Segment Open

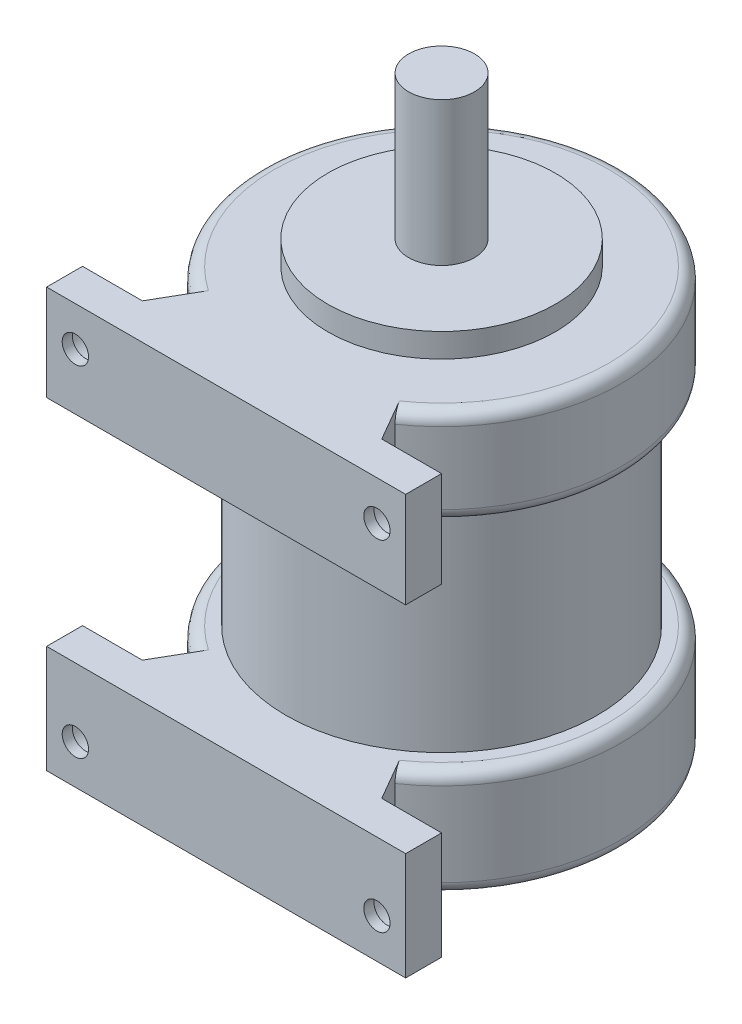
from build123d import *

# Parameters (mm, degrees)
SKETCH_1_R               = 150
EXTRUDE_1_DEPTH          = 350
EXTRUDE_2_DEPTH          = 350
SKETCH_3_R               = 95
EXTRUDE_3_DEPTH          = 20
CUT_EXTRUDE_START        = -80
SKETCH_4_OUTSIDE_W       = 417.896
SKETCH_4_OUTSIDE_H       = 447.896
SKETCH_4_OUTSIDE_R       = 130
CUT_EXTRUDE_1_DEPTH      = 180
FILLET_1_R               = 10
SKETCH_5_R               = 27.5
EXTRUDE_4_DEPTH          = 120
HOLE_WIZARD_1_AT_2_COUNT = 2
HOLE_WIZARD_1_AT_2_PITCH = 284
HOLE_WIZARD_1_AT_3_COUNT = 2
HOLE_WIZARD_1_AT_3_PITCH = 379.684079203
HOLE_WIZARD_1_AT_4_COUNT = 2
HOLE_WIZARD_1_AT_4_PITCH = 252


with BuildPart() as part:
    # 草图1 → 凸台-拉伸1 (new body)
    with BuildSketch(Plane(origin=(0, 0, 0), x_dir=(1, 0, 0), z_dir=(0, 1, 0))):
        with Locations(Location((0, 0, 0), (0, 0, 270))):
            Circle(SKETCH_1_R)
    extrude(amount=EXTRUDE_1_DEPTH)

    # 草图2 → 凸台-拉伸2 (add)
    with BuildSketch(Plane.XZ):
        with BuildLine():
            Line((-84.823393206, 123.713345946), (-100, 150))
            Line((-100, 150), (-150, 150))
            Line((-150, 150), (-150, 180))
            Line((-150, 180), (150, 180))
            Line((150, 180), (150, 150))
            Line((150, 150), (100, 150))
            Line((100, 150), (84.823393206, 123.713345946))
            ThreePointArc((84.823393206, 123.713345946), (0, 150), (-84.823393206, 123.713345946))
        make_face()
    extrude(amount=-EXTRUDE_2_DEPTH)

    # 草图3 → 凸台-拉伸3 (add)
    with BuildSketch(Plane(origin=(0, 350, 0), x_dir=(1, 0, 0), z_dir=(0, 1, 0))):
        with Locations(Location((0, 0, 0), (0, 0, 270))):
            Circle(SKETCH_3_R)
    extrude(amount=EXTRUDE_3_DEPTH)

    # 草图4 outside → 切除-拉伸1 (cut)
    with BuildSketch(Plane(origin=(0, 350, 0), x_dir=(1, 0, 0), z_dir=(0, 1, 0)).offset(CUT_EXTRUDE_START)):
        with Locations((0, -15)):
            Rectangle(SKETCH_4_OUTSIDE_W, SKETCH_4_OUTSIDE_H)
        with Locations(Location((0, 0, 0), (0, 0, 270))):
            Circle(SKETCH_4_OUTSIDE_R, mode=Mode.SUBTRACT)
    extrude(amount=-CUT_EXTRUDE_1_DEPTH, mode=Mode.SUBTRACT)

    # 圆角1
    fillet_1_edges = [part.edges().sort_by_distance(p)[0] for p in [
        (0, 0, -150),
        (0, 350, -150),
        (0, 270, -150),
        (0, 90, -150),
    ]]
    fillet(fillet_1_edges, radius=FILLET_1_R)

    # 草图7 → 打孔尺寸(%根据)内六角圆柱头螺钉的类型1 (revolve, cut)
    with BuildSketch(Plane(origin=(126, 317, 150), x_dir=(0, 1, 0), z_dir=(1, 0, 0))):
        Polygon((0, 0), (0, 30), (11, 30), (11, 21.5), (16.5, 21.5), (16.5, 0), align=None)
    hole_wizard_1 = revolve(axis=Axis((126, 317, 143.65), (0, 0, 1)), mode=Mode.SUBTRACT)

    # 打孔尺寸(%根据)内六角圆柱头螺钉的类型1 at 2: 打孔尺寸(%根据)内六角圆柱头螺钉的类型1 ×2
    with Locations(*[(0, -i * HOLE_WIZARD_1_AT_2_PITCH, 0) for i in range(1, HOLE_WIZARD_1_AT_2_COUNT)]):
        add(hole_wizard_1, mode=Mode.SUBTRACT)

    # 打孔尺寸(%根据)内六角圆柱头螺钉的类型1 at 3: 打孔尺寸(%根据)内六角圆柱头螺钉的类型1 ×2
    with Locations(*[Vector(-0.6637096834009412, -0.747990278118521, 0) * (i * HOLE_WIZARD_1_AT_3_PITCH) for i in range(1, HOLE_WIZARD_1_AT_3_COUNT)]):
        add(hole_wizard_1, mode=Mode.SUBTRACT)

    # 打孔尺寸(%根据)内六角圆柱头螺钉的类型1 at 4: 打孔尺寸(%根据)内六角圆柱头螺钉的类型1 ×2
    with Locations(*[(-i * HOLE_WIZARD_1_AT_4_PITCH, 0, 0) for i in range(1, HOLE_WIZARD_1_AT_4_COUNT)]):
        add(hole_wizard_1, mode=Mode.SUBTRACT)


with BuildPart() as body_2:
    # 草图5 → 凸台-拉伸4 (new body)
    with BuildSketch(Plane(origin=(0, 370, 0), x_dir=(1, 0, 0), z_dir=(0, 1, 0))):
        with Locations(Location((0, 0, 0), (0, 0, 90))):
            Circle(SKETCH_5_R)
    extrude(amount=EXTRUDE_4_DEPTH)


solid = Compound([part.part, body_2.part])

Segment Closed

→ Exercise instructions
All the records need to be retyped word for word, except for the pictures.

→ Task response
from build123d import *

# Parameters (mm, degrees)
SKETCH_1_R               = 150
EXTRUDE_1_DEPTH          = 350
EXTRUDE_2_DEPTH          = 350
SKETCH_3_R               = 95
EXTRUDE_3_DEPTH          = 20
CUT_EXTRUDE_START        = -80
SKETCH_4_OUTSIDE_W       = 417.896
SKETCH_4_OUTSIDE_H       = 447.896
SKETCH_4_OUTSIDE_R       = 130
CUT_EXTRUDE_1_DEPTH      = 180
FILLET_1_R               = 10
SKETCH_5_R               = 27.5
EXTRUDE_4_DEPTH          = 120
HOLE_WIZARD_1_AT_2_COUNT = 2
HOLE_WIZARD_1_AT_2_PITCH = 284
HOLE_WIZARD_1_AT_3_COUNT = 2
HOLE_WIZARD_1_AT_3_PITCH = 379.684079203
HOLE_WIZARD_1_AT_4_COUNT = 2
HOLE_WIZARD_1_AT_4_PITCH = 252


with BuildPart() as part:
    # 草图1 → 凸台-拉伸1 (new body)
    with BuildSketch(Plane(origin=(0, 0, 0), x_dir=(1, 0, 0), z_dir=(0, 1, 0))):
        with Locations(Location((0, 0, 0), (0, 0, 270))):
            Circle(SKETCH_1_R)
    extrude(amount=EXTRUDE_1_DEPTH)

    # 草图2 → 凸台-拉伸2 (add)
    with BuildSketch(Plane.XZ):
        with BuildLine():
            Line((-84.823393206, 123.713345946), (-100, 150))
            Line((-100, 150), (-150, 150))
            Line((-150, 150), (-150, 180))
            Line((-150, 180), (150, 180))
            Line((150, 180), (150, 150))
            Line((150, 150), (100, 150))
            Line((100, 150), (84.823393206, 123.713345946))
            ThreePointArc((84.823393206, 123.713345946), (0, 150), (-84.823393206, 123.713345946))
        make_face()
    extrude(amount=-EXTRUDE_2_DEPTH)

    # 草图3 → 凸台-拉伸3 (add)
    with BuildSketch(Plane(origin=(0, 350, 0), x_dir=(1, 0, 0), z_dir=(0, 1, 0))):
        with Locations(Location((0, 0, 0), (0, 0, 270))):
            Circle(SKETCH_3_R)
    extrude(amount=EXTRUDE_3_DEPTH)

    # 草图4 outside → 切除-拉伸1 (cut)
    with BuildSketch(Plane(origin=(0, 350, 0), x_dir=(1, 0, 0), z_dir=(0, 1, 0)).offset(CUT_EXTRUDE_START)):
        with Locations((0, -15)):
            Rectangle(SKETCH_4_OUTSIDE_W, SKETCH_4_OUTSIDE_H)
        with Locations(Location((0, 0, 0), (0, 0, 270))):
            Circle(SKETCH_4_OUTSIDE_R, mode=Mode.SUBTRACT)
    extrude(amount=-CUT_EXTRUDE_1_DEPTH, mode=Mode.SUBTRACT)

    # 圆角1
    fillet_1_edges = [part.edges().sort_by_distance(p)[0] for p in [
        (0, 0, -150),
        (0, 350, -150),
        (0, 270, -150),
        (0, 90, -150),
    ]]
    fillet(fillet_1_edges, radius=FILLET_1_R)

    # 草图7 → 打孔尺寸(%根据)内六角圆柱头螺钉的类型1 (revolve, cut)
    with BuildSketch(Plane(origin=(126, 317, 150), x_dir=(0, 1, 0), z_dir=(1, 0, 0))):
        Polygon((0, 0), (0, 30), (11, 30), (11, 21.5), (16.5, 21.5), (16.5, 0), align=None)
    hole_wizard_1 = revolve(axis=Axis((126, 317, 143.65), (0, 0, 1)), mode=Mode.SUBTRACT)

    # 打孔尺寸(%根据)内六角圆柱头螺钉的类型1 at 2: 打孔尺寸(%根据)内六角圆柱头螺钉的类型1 ×2
    with Locations(*[(0, -i * HOLE_WIZARD_1_AT_2_PITCH, 0) for i in range(1, HOLE_WIZARD_1_AT_2_COUNT)]):
        add(hole_wizard_1, mode=Mode.SUBTRACT)

    # 打孔尺寸(%根据)内六角圆柱头螺钉的类型1 at 3: 打孔尺寸(%根据)内六角圆柱头螺钉的类型1 ×2
    with Locations(*[Vector(-0.6637096834009412, -0.747990278118521, 0) * (i * HOLE_WIZARD_1_AT_3_PITCH) for i in range(1, HOLE_WIZARD_1_AT_3_COUNT)]):
        add(hole_wizard_1, mode=Mode.SUBTRACT)

    # 打孔尺寸(%根据)内六角圆柱头螺钉的类型1 at 4: 打孔尺寸(%根据)内六角圆柱头螺钉的类型1 ×2
    with Locations(*[(-i * HOLE_WIZARD_1_AT_4_PITCH, 0, 0) for i in range(1, HOLE_WIZARD_1_AT_4_COUNT)]):
        add(hole_wizard_1, mode=Mode.SUBTRACT)


with BuildPart() as body_2:
    # 草图5 → 凸台-拉伸4 (new body)
    with BuildSketch(Plane(origin=(0, 370, 0), x_dir=(1, 0, 0), z_dir=(0, 1, 0))):
        with Locations(Location((0, 0, 0), (0, 0, 90))):
            Circle(SKETCH_5_R)
    extrude(amount=EXTRUDE_4_DEPTH)


solid = Compound([part.part, body_2.part])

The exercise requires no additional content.